* [Exercise description]: Provide only the number of lines in the data below that contain the string "VENT".

Extracted data entries
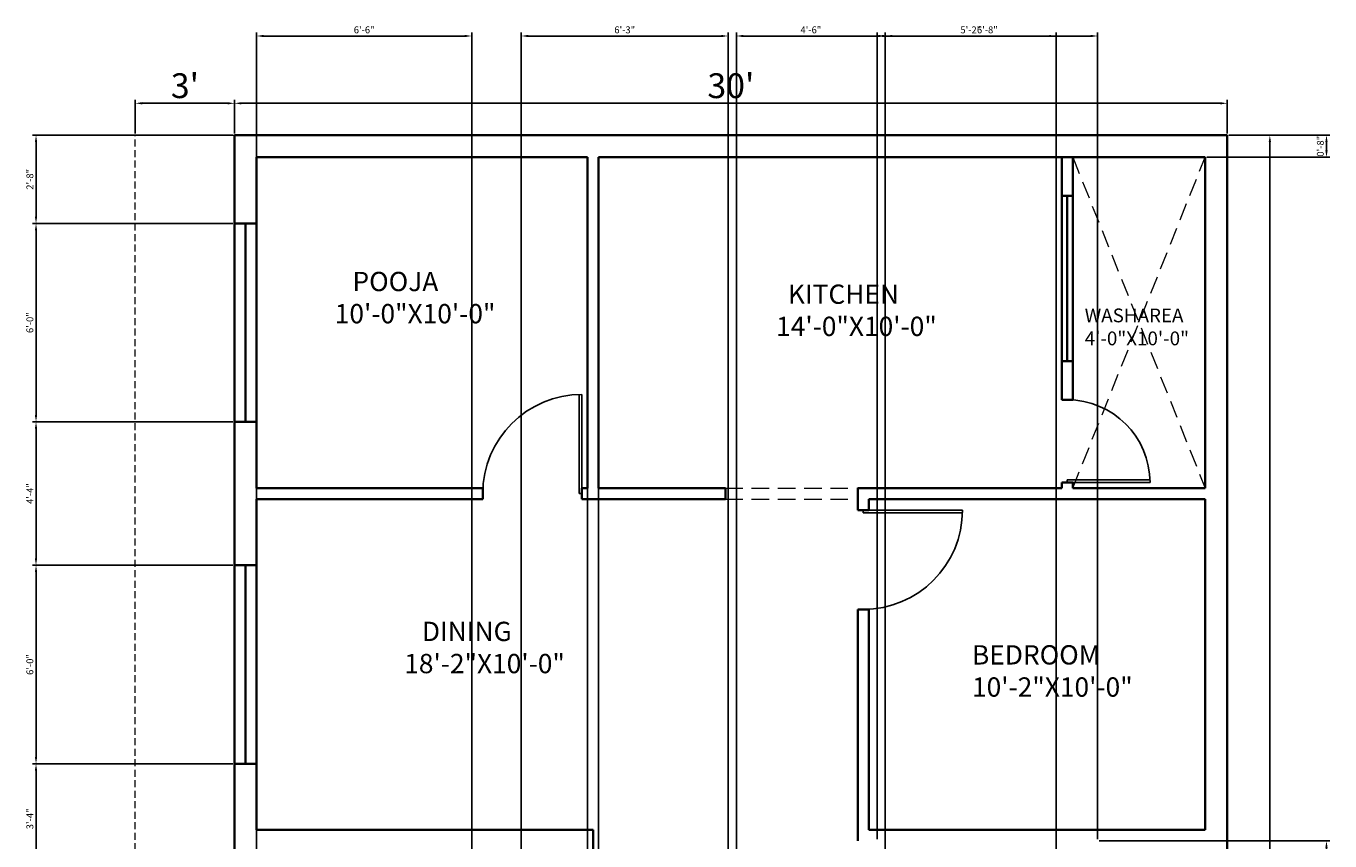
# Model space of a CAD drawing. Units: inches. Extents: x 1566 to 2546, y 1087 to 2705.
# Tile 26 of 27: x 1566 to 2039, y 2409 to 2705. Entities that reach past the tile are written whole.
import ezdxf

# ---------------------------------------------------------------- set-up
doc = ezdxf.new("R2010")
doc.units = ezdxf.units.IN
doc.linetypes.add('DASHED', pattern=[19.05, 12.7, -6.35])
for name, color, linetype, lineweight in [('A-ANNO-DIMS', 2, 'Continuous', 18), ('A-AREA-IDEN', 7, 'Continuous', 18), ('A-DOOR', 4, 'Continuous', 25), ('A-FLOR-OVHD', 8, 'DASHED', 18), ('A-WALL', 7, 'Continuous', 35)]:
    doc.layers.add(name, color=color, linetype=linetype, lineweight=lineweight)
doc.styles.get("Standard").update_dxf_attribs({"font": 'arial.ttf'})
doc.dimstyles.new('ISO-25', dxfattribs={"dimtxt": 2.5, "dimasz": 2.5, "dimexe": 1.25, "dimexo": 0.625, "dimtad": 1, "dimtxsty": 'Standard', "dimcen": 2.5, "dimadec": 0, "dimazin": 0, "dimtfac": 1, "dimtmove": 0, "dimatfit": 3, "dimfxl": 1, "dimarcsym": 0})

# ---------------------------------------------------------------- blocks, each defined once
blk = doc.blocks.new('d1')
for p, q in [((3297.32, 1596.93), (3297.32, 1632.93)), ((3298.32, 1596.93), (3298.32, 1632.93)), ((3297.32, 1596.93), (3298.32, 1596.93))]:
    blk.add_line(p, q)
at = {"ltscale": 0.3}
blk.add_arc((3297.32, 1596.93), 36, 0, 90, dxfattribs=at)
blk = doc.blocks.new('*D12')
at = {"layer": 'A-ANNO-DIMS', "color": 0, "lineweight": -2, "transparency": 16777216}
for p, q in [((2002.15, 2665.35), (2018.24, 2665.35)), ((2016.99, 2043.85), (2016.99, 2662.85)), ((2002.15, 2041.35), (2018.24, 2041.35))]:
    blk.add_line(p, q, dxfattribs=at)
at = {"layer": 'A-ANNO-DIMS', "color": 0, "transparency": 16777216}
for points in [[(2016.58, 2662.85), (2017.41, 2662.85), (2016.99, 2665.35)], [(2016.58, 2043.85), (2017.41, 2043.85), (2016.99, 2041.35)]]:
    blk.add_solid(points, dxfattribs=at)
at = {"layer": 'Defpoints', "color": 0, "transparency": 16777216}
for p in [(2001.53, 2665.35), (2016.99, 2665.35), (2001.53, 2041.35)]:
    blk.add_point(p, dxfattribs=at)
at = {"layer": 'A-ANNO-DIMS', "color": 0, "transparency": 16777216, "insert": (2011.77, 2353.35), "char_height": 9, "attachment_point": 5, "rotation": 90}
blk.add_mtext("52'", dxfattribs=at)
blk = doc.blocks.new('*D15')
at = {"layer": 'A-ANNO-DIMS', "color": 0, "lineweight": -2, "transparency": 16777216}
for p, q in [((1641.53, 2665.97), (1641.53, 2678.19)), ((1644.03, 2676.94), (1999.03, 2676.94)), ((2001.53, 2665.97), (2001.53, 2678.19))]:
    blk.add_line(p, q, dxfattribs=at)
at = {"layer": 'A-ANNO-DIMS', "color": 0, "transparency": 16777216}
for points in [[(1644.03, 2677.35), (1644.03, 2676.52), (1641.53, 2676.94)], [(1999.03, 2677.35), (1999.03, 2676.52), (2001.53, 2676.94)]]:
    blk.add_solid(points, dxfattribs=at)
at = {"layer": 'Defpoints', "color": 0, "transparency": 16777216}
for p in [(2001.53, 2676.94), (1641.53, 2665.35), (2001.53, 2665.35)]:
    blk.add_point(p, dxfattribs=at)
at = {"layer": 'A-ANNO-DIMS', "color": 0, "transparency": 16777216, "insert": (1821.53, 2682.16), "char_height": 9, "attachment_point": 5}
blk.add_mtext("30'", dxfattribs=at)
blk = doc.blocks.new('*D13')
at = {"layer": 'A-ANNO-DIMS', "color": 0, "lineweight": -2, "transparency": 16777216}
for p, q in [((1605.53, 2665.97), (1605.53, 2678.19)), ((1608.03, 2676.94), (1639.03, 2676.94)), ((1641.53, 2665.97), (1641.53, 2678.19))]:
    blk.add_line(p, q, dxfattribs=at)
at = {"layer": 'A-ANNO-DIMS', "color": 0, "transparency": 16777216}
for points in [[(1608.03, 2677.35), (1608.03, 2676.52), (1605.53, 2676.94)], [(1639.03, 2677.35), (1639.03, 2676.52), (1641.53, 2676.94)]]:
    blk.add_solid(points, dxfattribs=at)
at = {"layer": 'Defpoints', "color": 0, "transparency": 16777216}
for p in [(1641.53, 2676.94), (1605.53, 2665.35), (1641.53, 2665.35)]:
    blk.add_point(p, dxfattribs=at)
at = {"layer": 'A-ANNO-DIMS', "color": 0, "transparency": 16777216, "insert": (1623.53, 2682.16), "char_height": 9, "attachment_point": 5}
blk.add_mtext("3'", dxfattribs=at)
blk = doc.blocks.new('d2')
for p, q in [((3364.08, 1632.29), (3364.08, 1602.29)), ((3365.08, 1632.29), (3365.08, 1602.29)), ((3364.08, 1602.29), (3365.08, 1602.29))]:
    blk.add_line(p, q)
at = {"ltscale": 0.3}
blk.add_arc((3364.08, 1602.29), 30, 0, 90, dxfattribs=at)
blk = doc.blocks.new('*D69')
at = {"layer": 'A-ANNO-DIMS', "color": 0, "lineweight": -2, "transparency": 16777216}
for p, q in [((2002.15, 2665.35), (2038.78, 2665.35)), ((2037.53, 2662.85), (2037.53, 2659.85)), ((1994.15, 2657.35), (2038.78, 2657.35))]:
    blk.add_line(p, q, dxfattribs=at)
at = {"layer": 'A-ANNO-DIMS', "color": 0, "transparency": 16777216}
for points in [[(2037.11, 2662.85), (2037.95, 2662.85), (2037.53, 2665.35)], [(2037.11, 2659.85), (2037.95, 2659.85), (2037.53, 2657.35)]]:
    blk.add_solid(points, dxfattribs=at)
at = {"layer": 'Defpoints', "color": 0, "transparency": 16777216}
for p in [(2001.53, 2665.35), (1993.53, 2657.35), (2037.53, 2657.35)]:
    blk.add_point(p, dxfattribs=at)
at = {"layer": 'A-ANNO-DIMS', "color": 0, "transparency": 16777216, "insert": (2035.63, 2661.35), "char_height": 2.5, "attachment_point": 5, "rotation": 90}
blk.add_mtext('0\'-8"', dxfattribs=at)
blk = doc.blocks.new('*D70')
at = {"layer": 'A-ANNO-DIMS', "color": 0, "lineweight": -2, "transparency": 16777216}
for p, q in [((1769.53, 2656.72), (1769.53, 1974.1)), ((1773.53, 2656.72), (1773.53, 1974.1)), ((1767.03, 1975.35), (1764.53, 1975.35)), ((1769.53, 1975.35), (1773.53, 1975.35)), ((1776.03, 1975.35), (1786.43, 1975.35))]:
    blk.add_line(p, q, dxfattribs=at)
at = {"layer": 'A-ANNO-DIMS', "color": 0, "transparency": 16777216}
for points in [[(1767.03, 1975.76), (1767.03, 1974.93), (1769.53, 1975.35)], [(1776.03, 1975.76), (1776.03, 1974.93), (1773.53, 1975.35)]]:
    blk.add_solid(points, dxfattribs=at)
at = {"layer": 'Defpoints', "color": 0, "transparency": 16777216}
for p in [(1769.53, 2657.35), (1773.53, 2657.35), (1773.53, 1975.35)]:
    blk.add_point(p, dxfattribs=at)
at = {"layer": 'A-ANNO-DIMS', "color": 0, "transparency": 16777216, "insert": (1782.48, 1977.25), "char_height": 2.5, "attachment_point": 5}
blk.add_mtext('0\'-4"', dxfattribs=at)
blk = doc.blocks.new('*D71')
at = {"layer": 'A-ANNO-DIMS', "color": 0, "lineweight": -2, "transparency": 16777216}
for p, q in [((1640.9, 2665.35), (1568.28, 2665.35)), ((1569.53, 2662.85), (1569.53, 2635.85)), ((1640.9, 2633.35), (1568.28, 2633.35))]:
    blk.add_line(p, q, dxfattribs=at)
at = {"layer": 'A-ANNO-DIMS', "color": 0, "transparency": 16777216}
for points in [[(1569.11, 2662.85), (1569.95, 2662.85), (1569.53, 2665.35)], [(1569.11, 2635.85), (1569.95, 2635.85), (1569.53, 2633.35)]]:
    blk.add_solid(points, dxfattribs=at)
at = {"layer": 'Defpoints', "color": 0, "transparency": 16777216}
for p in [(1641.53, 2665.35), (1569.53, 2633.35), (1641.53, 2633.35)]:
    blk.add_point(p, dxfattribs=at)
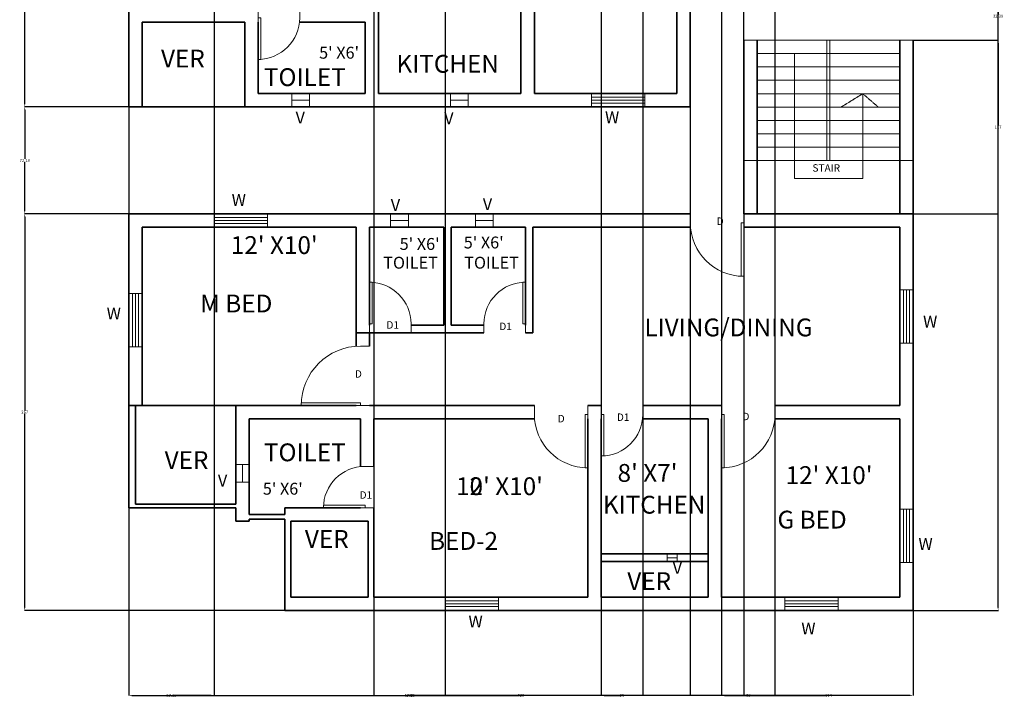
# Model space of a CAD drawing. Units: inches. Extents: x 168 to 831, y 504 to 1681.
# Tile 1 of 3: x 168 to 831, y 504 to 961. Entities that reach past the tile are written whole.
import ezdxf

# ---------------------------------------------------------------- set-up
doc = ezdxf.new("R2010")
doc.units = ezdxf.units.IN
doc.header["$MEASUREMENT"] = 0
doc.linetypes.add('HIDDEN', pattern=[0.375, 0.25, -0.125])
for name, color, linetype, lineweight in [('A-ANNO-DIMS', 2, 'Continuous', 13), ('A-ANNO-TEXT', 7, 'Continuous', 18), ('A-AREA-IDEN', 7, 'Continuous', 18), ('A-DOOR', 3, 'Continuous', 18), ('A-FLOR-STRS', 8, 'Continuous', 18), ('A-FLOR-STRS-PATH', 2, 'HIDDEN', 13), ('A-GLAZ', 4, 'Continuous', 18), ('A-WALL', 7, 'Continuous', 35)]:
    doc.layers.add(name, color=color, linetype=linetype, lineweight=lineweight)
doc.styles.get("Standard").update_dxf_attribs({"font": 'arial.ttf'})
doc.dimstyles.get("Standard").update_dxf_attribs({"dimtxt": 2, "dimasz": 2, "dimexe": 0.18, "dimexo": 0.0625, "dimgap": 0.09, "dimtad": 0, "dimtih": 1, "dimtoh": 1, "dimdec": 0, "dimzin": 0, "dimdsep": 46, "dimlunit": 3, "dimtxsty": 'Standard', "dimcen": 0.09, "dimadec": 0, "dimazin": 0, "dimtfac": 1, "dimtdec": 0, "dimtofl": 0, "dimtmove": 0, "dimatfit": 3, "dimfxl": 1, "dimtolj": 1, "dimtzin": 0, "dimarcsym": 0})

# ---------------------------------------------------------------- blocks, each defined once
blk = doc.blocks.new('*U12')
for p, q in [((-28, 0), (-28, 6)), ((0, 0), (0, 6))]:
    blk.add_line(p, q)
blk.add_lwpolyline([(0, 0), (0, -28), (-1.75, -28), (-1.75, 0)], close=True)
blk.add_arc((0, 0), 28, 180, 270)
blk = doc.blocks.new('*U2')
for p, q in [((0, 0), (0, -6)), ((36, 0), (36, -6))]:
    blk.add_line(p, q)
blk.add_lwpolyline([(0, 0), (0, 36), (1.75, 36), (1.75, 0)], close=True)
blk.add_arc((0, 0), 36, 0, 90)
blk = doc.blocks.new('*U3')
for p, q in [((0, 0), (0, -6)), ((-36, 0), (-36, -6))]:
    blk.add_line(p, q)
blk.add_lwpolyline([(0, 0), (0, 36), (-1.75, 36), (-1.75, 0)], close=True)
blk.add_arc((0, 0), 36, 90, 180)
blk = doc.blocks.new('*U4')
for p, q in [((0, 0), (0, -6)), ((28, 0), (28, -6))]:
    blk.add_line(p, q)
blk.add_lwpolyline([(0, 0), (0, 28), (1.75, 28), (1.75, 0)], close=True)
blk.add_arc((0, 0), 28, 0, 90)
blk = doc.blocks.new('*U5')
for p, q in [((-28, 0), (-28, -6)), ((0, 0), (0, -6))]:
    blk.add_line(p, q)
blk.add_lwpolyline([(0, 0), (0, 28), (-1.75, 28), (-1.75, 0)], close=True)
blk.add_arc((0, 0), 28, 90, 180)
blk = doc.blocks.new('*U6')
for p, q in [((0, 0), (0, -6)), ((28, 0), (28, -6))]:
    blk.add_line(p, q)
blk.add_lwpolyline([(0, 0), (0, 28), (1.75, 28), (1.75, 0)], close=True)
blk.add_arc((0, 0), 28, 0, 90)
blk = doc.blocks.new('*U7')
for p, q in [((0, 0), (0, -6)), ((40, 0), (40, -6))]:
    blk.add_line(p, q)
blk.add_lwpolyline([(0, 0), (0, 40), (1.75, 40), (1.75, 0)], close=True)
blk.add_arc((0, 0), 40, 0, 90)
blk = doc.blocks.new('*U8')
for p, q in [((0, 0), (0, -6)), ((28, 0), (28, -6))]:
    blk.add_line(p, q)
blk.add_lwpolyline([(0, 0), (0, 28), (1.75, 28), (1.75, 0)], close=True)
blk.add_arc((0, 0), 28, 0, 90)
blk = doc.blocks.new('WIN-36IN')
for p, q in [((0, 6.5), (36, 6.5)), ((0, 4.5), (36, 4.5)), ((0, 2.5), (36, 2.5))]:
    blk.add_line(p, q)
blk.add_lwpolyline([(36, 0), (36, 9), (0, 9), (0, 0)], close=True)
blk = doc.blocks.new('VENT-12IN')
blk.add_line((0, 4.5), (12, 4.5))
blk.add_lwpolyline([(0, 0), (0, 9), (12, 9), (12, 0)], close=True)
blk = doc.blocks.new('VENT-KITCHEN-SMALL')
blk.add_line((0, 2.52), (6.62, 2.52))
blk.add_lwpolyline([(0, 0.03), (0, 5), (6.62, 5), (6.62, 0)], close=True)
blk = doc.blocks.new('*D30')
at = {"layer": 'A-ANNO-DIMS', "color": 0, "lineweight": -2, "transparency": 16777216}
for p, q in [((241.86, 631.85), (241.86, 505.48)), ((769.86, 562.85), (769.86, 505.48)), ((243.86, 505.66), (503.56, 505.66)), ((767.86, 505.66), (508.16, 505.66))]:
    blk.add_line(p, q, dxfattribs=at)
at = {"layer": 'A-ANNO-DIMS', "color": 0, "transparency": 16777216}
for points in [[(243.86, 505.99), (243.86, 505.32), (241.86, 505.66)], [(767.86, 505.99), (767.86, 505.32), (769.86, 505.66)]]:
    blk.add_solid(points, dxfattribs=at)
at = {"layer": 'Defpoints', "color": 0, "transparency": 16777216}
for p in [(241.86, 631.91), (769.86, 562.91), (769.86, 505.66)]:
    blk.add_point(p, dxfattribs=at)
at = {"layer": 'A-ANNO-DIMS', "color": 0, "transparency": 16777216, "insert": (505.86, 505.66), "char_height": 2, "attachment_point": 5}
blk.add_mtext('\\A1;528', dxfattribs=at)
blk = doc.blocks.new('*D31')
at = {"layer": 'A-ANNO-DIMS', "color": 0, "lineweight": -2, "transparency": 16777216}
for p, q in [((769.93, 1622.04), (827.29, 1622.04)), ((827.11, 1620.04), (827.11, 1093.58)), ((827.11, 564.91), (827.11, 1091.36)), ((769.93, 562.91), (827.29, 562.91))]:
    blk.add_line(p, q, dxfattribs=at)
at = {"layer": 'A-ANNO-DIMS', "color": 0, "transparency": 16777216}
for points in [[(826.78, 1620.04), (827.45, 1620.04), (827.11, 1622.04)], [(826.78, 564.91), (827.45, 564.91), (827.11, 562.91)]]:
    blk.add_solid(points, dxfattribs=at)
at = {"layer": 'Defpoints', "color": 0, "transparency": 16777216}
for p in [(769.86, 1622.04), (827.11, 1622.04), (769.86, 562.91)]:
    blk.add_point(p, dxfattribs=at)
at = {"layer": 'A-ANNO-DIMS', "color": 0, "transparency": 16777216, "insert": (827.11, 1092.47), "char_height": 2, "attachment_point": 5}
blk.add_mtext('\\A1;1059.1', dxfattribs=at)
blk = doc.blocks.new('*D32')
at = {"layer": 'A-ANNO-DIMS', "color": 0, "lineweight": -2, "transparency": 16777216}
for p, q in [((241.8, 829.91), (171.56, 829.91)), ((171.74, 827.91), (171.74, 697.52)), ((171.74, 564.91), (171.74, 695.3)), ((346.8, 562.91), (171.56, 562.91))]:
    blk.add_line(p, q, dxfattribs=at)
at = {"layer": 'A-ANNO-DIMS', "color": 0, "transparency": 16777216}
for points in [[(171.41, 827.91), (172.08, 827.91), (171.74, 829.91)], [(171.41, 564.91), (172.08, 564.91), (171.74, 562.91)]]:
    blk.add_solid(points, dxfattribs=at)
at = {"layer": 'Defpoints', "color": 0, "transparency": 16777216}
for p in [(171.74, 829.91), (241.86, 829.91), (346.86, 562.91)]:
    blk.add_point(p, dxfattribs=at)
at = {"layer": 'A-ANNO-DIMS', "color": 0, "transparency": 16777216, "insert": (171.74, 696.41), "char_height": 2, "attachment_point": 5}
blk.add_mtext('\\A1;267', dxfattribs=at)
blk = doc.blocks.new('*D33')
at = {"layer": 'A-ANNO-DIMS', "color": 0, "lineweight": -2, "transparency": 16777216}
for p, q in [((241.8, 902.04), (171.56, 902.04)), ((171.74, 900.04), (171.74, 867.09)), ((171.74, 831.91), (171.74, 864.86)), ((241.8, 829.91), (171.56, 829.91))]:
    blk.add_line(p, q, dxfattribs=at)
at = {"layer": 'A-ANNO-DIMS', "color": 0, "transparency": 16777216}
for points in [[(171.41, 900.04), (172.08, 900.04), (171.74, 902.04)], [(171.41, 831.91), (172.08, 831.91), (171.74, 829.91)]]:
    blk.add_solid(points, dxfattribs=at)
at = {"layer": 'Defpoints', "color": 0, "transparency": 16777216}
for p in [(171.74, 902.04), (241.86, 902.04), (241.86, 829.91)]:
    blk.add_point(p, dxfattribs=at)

* [Problem solution]: 2